Assignment:
For each line below with the word "ThreePointArc", write out a copy.

Data for this exercise:
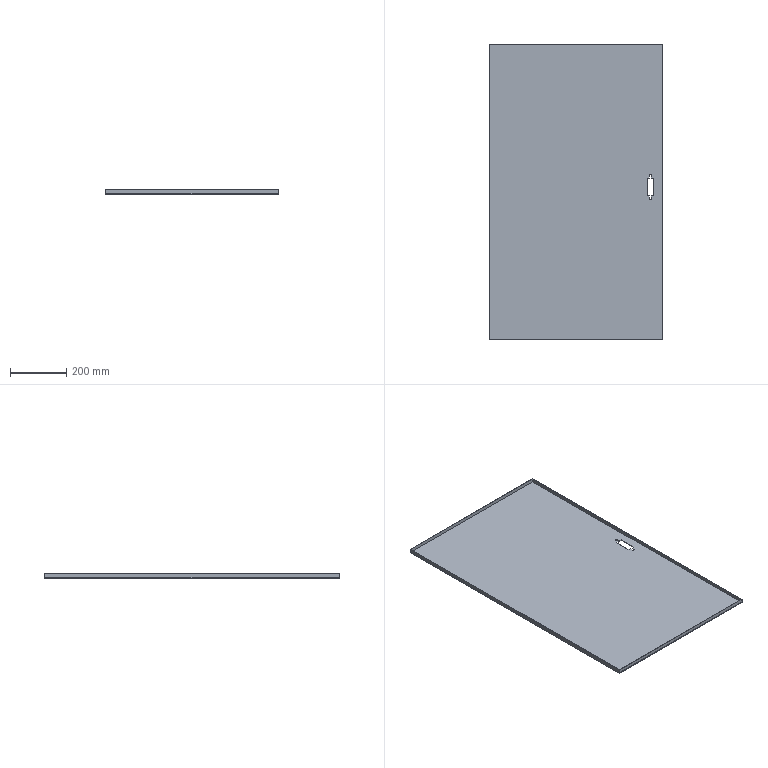Component | SolidWorks | TransformerBoxAssembly-1_ElectricalBoxDoor-1 | 1 solid | 23 faces | box 620 x 1056 x 15 mm | volume 1393081 mm3 | plane 21 | cylinder 2 | commonest cylinder face diameters 8 x2 | material Plain Carbon Steel
build123d program:
from build123d import *

# Parameters (mm, degrees)
SKETCH1_W           = 620
SKETCH1_H           = 1056
BOSS_EXTRUDE1_DEPTH = 15
SHELL1_T            = -2
CUT_EXTRUDE1_DEPTH  = 10


with BuildPart() as part:
    # Sketch1 → Boss-Extrude1 (new body)
    with BuildSketch(Plane.XY):
        with Locations((249.452, 440.245)):
            Rectangle(SKETCH1_W, SKETCH1_H)
    extrude(amount=BOSS_EXTRUDE1_DEPTH)

    # Shell1
    shell1_openings = [part.faces().sort_by_distance(p)[0] for p in [
        (249.452, 440.245, 15),
    ]]
    offset(amount=SHELL1_T, openings=shell1_openings, kind=Kind.INTERSECTION)

    # Sketch2 → Cut-Extrude1 (cut)
    with BuildSketch(Plane(origin=(0, 0, 0), x_dir=(-1, 0, 0), z_dir=(0, 0, -1))):
        with BuildLine():
            Line((-526.452, 489.568), (-518.952, 489.568))
            Line((-518.952, 489.568), (-518.952, 499.068))
            ThreePointArc((-518.952, 499.068), (-514.952, 503.068), (-510.952, 499.068))
            Line((-510.952, 499.068), (-510.952, 489.568))
            Line((-510.952, 489.568), (-503.452, 489.568))
            Line((-503.452, 489.568), (-503.452, 426.568))
            Line((-503.452, 426.568), (-510.952, 426.568))
            Line((-510.952, 426.568), (-510.952, 417.068))
            ThreePointArc((-510.952, 417.068), (-514.952, 413.068), (-518.952, 417.068))
            Line((-518.952, 417.068), (-518.952, 426.568))
            Line((-518.952, 426.568), (-526.452, 426.568))
            Line((-526.452, 426.568), (-526.452, 489.568))
        make_face()
    extrude(amount=-CUT_EXTRUDE1_DEPTH, mode=Mode.SUBTRACT)


solid = part.part

# Placed as in the assembly
solid = solid.moved(Location((-842.001, -578.678, -725.519), (0, 0, 0)))
STEP:
#1=COLOUR_RGB('',0.7922,0.8196,0.9333);
#2=FILL_AREA_STYLE_COLOUR('',#1);
#3=FILL_AREA_STYLE('',(#2));
#4=SURFACE_STYLE_FILL_AREA(#3);
#5=SURFACE_SIDE_STYLE('',(#4));
#6=SURFACE_STYLE_USAGE(.BOTH.,#5);
#7=PRESENTATION_STYLE_ASSIGNMENT((#6));
#8=CARTESIAN_POINT('',(-35.533,15.337,-28.564));
#9=VERTEX_POINT('',#8);
#10=CARTESIAN_POINT('',(-35.533,-26.238,-28.564));
#11=VERTEX_POINT('',#10);
#12=CARTESIAN_POINT('',(-35.533,15.337,-28.564));
#13=DIRECTION('',(0.,-1.,0.));
#14=VECTOR('',#13,39.37);
#15=LINE('',#12,#14);
#16=EDGE_CURVE('',#9,#11,#15,.T.);
#17=ORIENTED_EDGE('',*,*,#16,.T.);
#18=CARTESIAN_POINT('',(-35.533,-26.238,-27.973));
#19=VERTEX_POINT('',#18);
#20=CARTESIAN_POINT('',(-35.533,-26.238,-27.973));
#21=DIRECTION('',(0.,0.,-1.));
#22=VECTOR('',#21,39.37);
#23=LINE('',#20,#22);
#24=EDGE_CURVE('',#19,#11,#23,.T.);
#25=ORIENTED_EDGE('',*,*,#24,.F.);
#26=CARTESIAN_POINT('',(-35.533,15.337,-27.973));
#27=VERTEX_POINT('',#26);
#28=CARTESIAN_POINT('',(-35.533,15.337,-27.973));
#29=DIRECTION('',(0.,-1.,0.));
#30=VECTOR('',#29,39.37);
#31=LINE('',#28,#30);
#32=EDGE_CURVE('',#27,#19,#31,.T.);
#33=ORIENTED_EDGE('',*,*,#32,.F.);
#34=CARTESIAN_POINT('',(-35.533,15.337,-27.973));
#35=DIRECTION('',(0.,0.,-1.));
#36=VECTOR('',#35,39.37);
#37=LINE('',#34,#36);
#38=EDGE_CURVE('',#27,#9,#37,.T.);
#39=ORIENTED_EDGE('',*,*,#38,.T.);
#40=EDGE_LOOP('',(#17,#25,#33,#39));
#41=FACE_OUTER_BOUND('',#40,.T.);
#42=CARTESIAN_POINT('',(-35.533,15.337,-27.973));
#43=DIRECTION('',(1.,0.,0.));
#44=DIRECTION('',(-0.,1.,0.));
#45=AXIS2_PLACEMENT_3D('',#42,#43,#44);
#46=PLANE('',#45);
#47=ADVANCED_FACE('',(#41),#46,.F.);
#48=CARTESIAN_POINT('',(-11.124,-26.238,-28.564));
#49=VERTEX_POINT('',#48);
#50=CARTESIAN_POINT('',(-35.533,-26.238,-28.564));
#51=DIRECTION('',(1.,0.,0.));
#52=VECTOR('',#51,39.37);
#53=LINE('',#50,#52);
#54=EDGE_CURVE('',#11,#49,#53,.T.);
#55=ORIENTED_EDGE('',*,*,#54,.T.);
#56=CARTESIAN_POINT('',(-11.124,-26.238,-27.973));
#57=VERTEX_POINT('',#56);
#58=CARTESIAN_POINT('',(-11.124,-26.238,-27.973));
#59=DIRECTION('',(0.,0.,-1.));
#60=VECTOR('',#59,39.37);
#61=LINE('',#58,#60);
#62=EDGE_CURVE('',#57,#49,#61,.T.);
#63=ORIENTED_EDGE('',*,*,#62,.F.);
#64=CARTESIAN_POINT('',(-35.533,-26.238,-27.973));
#65=DIRECTION('',(1.,0.,0.));
#66=VECTOR('',#65,39.37);
#67=LINE('',#64,#66);
#68=EDGE_CURVE('',#19,#57,#67,.T.);
#69=ORIENTED_EDGE('',*,*,#68,.F.);
#70=ORIENTED_EDGE('',*,*,#24,.T.);
#71=EDGE_LOOP('',(#55,#63,#69,#70));
#72=FACE_OUTER_BOUND('',#71,.T.);
#73=CARTESIAN_POINT('',(-35.533,-26.238,-27.973));
#74=DIRECTION('',(0.,1.,0.));
#75=DIRECTION('',(0.,0.,1.));
#76=AXIS2_PLACEMENT_3D('',#73,#74,#75);
#77=PLANE('',#76);
#78=ADVANCED_FACE('',(#72),#77,.F.);
#79=CARTESIAN_POINT('',(-11.124,15.337,-28.564));
#80=VERTEX_POINT('',#79);
#81=CARTESIAN_POINT('',(-11.124,15.337,-28.564));
#82=DIRECTION('',(-0.,1.,0.));
#83=VECTOR('',#82,39.37);
#84=LINE('',#81,#83);
#85=EDGE_CURVE('',#49,#80,#84,.T.);
#86=ORIENTED_EDGE('',*,*,#85,.T.);
#87=CARTESIAN_POINT('',(-11.124,15.337,-27.973));
#88=VERTEX_POINT('',#87);
#89=CARTESIAN_POINT('',(-11.124,15.337,-27.973));
#90=DIRECTION('',(0.,0.,-1.));
#91=VECTOR('',#90,39.37);
#92=LINE('',#89,#91);
#93=EDGE_CURVE('',#88,#80,#92,.T.);
#94=ORIENTED_EDGE('',*,*,#93,.F.);
#95=CARTESIAN_POINT('',(-11.124,15.337,-27.973));
#96=DIRECTION('',(-0.,1.,0.));
#97=VECTOR('',#96,39.37);
#98=LINE('',#95,#97);
#99=EDGE_CURVE('',#57,#88,#98,.T.);
#100=ORIENTED_EDGE('',*,*,#99,.F.);
#101=ORIENTED_EDGE('',*,*,#62,.T.);
#102=EDGE_LOOP('',(#86,#94,#100,#101));
#103=FACE_OUTER_BOUND('',#102,.T.);
#104=CARTESIAN_POINT('',(-11.124,15.337,-27.973));
#105=DIRECTION('',(-1.,-0.,0.));
#106=DIRECTION('',(0.,-1.,0.));
#107=AXIS2_PLACEMENT_3D('',#104,#105,#106);
#108=PLANE('',#107);
#109=ADVANCED_FACE('',(#103),#108,.F.);
#110=CARTESIAN_POINT('',(-35.533,15.337,-28.564));
#111=DIRECTION('',(-1.,0.,0.));
#112=VECTOR('',#111,39.37);
#113=LINE('',#110,#112);
#114=EDGE_CURVE('',#80,#9,#113,.T.);
#115=ORIENTED_EDGE('',*,*,#114,.T.);
#116=ORIENTED_EDGE('',*,*,#38,.F.);
#117=CARTESIAN_POINT('',(-35.533,15.337,-27.973));
#118=DIRECTION('',(-1.,0.,0.));
#119=VECTOR('',#118,39.37);
#120=LINE('',#117,#119);
#121=EDGE_CURVE('',#88,#27,#120,.T.);
#122=ORIENTED_EDGE('',*,*,#121,.F.);
#123=ORIENTED_EDGE('',*,*,#93,.T.);
#124=EDGE_LOOP('',(#115,#116,#122,#123));
#125=FACE_OUTER_BOUND('',#124,.T.);
#126=CARTESIAN_POINT('',(-35.533,15.337,-27.973));
#127=DIRECTION('',(0.,-1.,0.));
#128=DIRECTION('',(0.,0.,-1.));
#129=AXIS2_PLACEMENT_3D('',#126,#127,#128);
#130=PLANE('',#129);
#131=ADVANCED_FACE('',(#125),#130,.F.);
#132=CARTESIAN_POINT('',(-35.455,15.259,-27.973));
#133=VERTEX_POINT('',#132);
#134=CARTESIAN_POINT('',(-35.455,-26.159,-27.973));
#135=VERTEX_POINT('',#134);
#136=CARTESIAN_POINT('',(-35.455,15.337,-27.973));
#137=DIRECTION('',(0.,-1.,0.));
#138=VECTOR('',#137,39.37);
#139=LINE('',#136,#138);
#140=EDGE_CURVE('',#133,#135,#139,.T.);
#141=ORIENTED_EDGE('',*,*,#140,.F.);
#142=CARTESIAN_POINT('',(-11.203,15.259,-27.973));
#143=VERTEX_POINT('',#142);
#144=CARTESIAN_POINT('',(-35.533,15.259,-27.973));
#145=DIRECTION('',(-1.,0.,0.));
#146=VECTOR('',#145,39.37);
#147=LINE('',#144,#146);
#148=EDGE_CURVE('',#143,#133,#147,.T.);
#149=ORIENTED_EDGE('',*,*,#148,.F.);
#150=CARTESIAN_POINT('',(-11.203,-26.159,-27.973));
#151=VERTEX_POINT('',#150);
#152=CARTESIAN_POINT('',(-11.203,15.337,-27.973));
#153=DIRECTION('',(-0.,1.,0.));
#154=VECTOR('',#153,39.37);
#155=LINE('',#152,#154);
#156=EDGE_CURVE('',#151,#143,#155,.T.);
#157=ORIENTED_EDGE('',*,*,#156,.F.);
#158=CARTESIAN_POINT('',(-35.533,-26.159,-27.973));
#159=DIRECTION('',(1.,0.,0.));
#160=VECTOR('',#159,39.37);
#161=LINE('',#158,#160);
#162=EDGE_CURVE('',#135,#151,#161,.T.);
#163=ORIENTED_EDGE('',*,*,#162,.F.);
#164=EDGE_LOOP('',(#141,#149,#157,#163));
#165=FACE_BOUND('',#164,.T.);
#166=ORIENTED_EDGE('',*,*,#32,.T.);
#167=ORIENTED_EDGE('',*,*,#68,.T.);
#168=ORIENTED_EDGE('',*,*,#99,.T.);
#169=ORIENTED_EDGE('',*,*,#121,.T.);
#170=EDGE_LOOP('',(#166,#167,#168,#169));
#171=FACE_OUTER_BOUND('',#170,.T.);
#172=CARTESIAN_POINT('',(-33.15,-22.783,-27.973));
#173=DIRECTION('',(0.,0.,1.));
#174=DIRECTION('',(1.,0.,0.));
#175=AXIS2_PLACEMENT_3D('',#172,#173,#174);
#176=PLANE('',#175);
#177=ADVANCED_FACE('',(#165,#171),#176,.T.);
#178=CARTESIAN_POINT('',(-12.423,-5.989,-28.564));
#179=VERTEX_POINT('',#178);
#180=CARTESIAN_POINT('',(-12.718,-5.989,-28.564));
#181=VERTEX_POINT('',#180);
#182=CARTESIAN_POINT('',(-12.423,-5.989,-28.564));
#183=DIRECTION('',(-1.,0.,0.));
#184=VECTOR('',#183,39.37);
#185=LINE('',#182,#184);
#186=EDGE_CURVE('',#179,#181,#185,.T.);
#187=ORIENTED_EDGE('',*,*,#186,.F.);
#188=CARTESIAN_POINT('',(-12.423,-3.508,-28.564));
#189=VERTEX_POINT('',#188);
#190=CARTESIAN_POINT('',(-12.423,-3.508,-28.564));
#191=DIRECTION('',(0.,-1.,0.));
#192=VECTOR('',#191,39.37);
#193=LINE('',#190,#192);
#194=EDGE_CURVE('',#189,#179,#193,.T.);
#195=ORIENTED_EDGE('',*,*,#194,.F.);
#196=CARTESIAN_POINT('',(-12.718,-3.508,-28.564));
#197=VERTEX_POINT('',#196);
#198=CARTESIAN_POINT('',(-12.423,-3.508,-28.564));
#199=DIRECTION('',(1.,0.,0.));
#200=VECTOR('',#199,39.37);
#201=LINE('',#198,#200);
#202=EDGE_CURVE('',#197,#189,#201,.T.);
#203=ORIENTED_EDGE('',*,*,#202,.F.);
#204=CARTESIAN_POINT('',(-12.718,-3.134,-28.564));
#205=VERTEX_POINT('',#204);
#206=CARTESIAN_POINT('',(-12.718,-3.134,-28.564));
#207=DIRECTION('',(0.,-1.,0.));
#208=VECTOR('',#207,39.37);
#209=LINE('',#206,#208);
#210=EDGE_CURVE('',#205,#197,#209,.T.);
#211=ORIENTED_EDGE('',*,*,#210,.F.);
#212=CARTESIAN_POINT('',(-13.033,-3.134,-28.564));
#213=VERTEX_POINT('',#212);
#214=CARTESIAN_POINT('',(-12.876,-3.134,-28.564));
#215=DIRECTION('',(0.,0.,-1.));
#216=DIRECTION('',(-1.,0.,0.));
#217=AXIS2_PLACEMENT_3D('',#214,#215,#216);
#218=CIRCLE('',#217,0.1575);
#219=EDGE_CURVE('',#213,#205,#218,.T.);
#220=ORIENTED_EDGE('',*,*,#219,.F.);
#221=CARTESIAN_POINT('',(-13.033,-3.508,-28.564));
#222=VERTEX_POINT('',#221);
#223=CARTESIAN_POINT('',(-13.033,-3.134,-28.564));
#224=DIRECTION('',(0.,1.,0.));
#225=VECTOR('',#224,39.37);
#226=LINE('',#223,#225);
#227=EDGE_CURVE('',#222,#213,#226,.T.);
#228=ORIENTED_EDGE('',*,*,#227,.F.);
#229=CARTESIAN_POINT('',(-13.329,-3.508,-28.564));
#230=VERTEX_POINT('',#229);
#231=CARTESIAN_POINT('',(-13.033,-3.508,-28.564));
#232=DIRECTION('',(1.,0.,0.));
#233=VECTOR('',#232,39.37);
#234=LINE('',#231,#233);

Task response:
            ThreePointArc((-518.952, 499.068), (-514.952, 503.068), (-510.952, 499.068))
            ThreePointArc((-510.952, 417.068), (-514.952, 413.068), (-518.952, 417.068))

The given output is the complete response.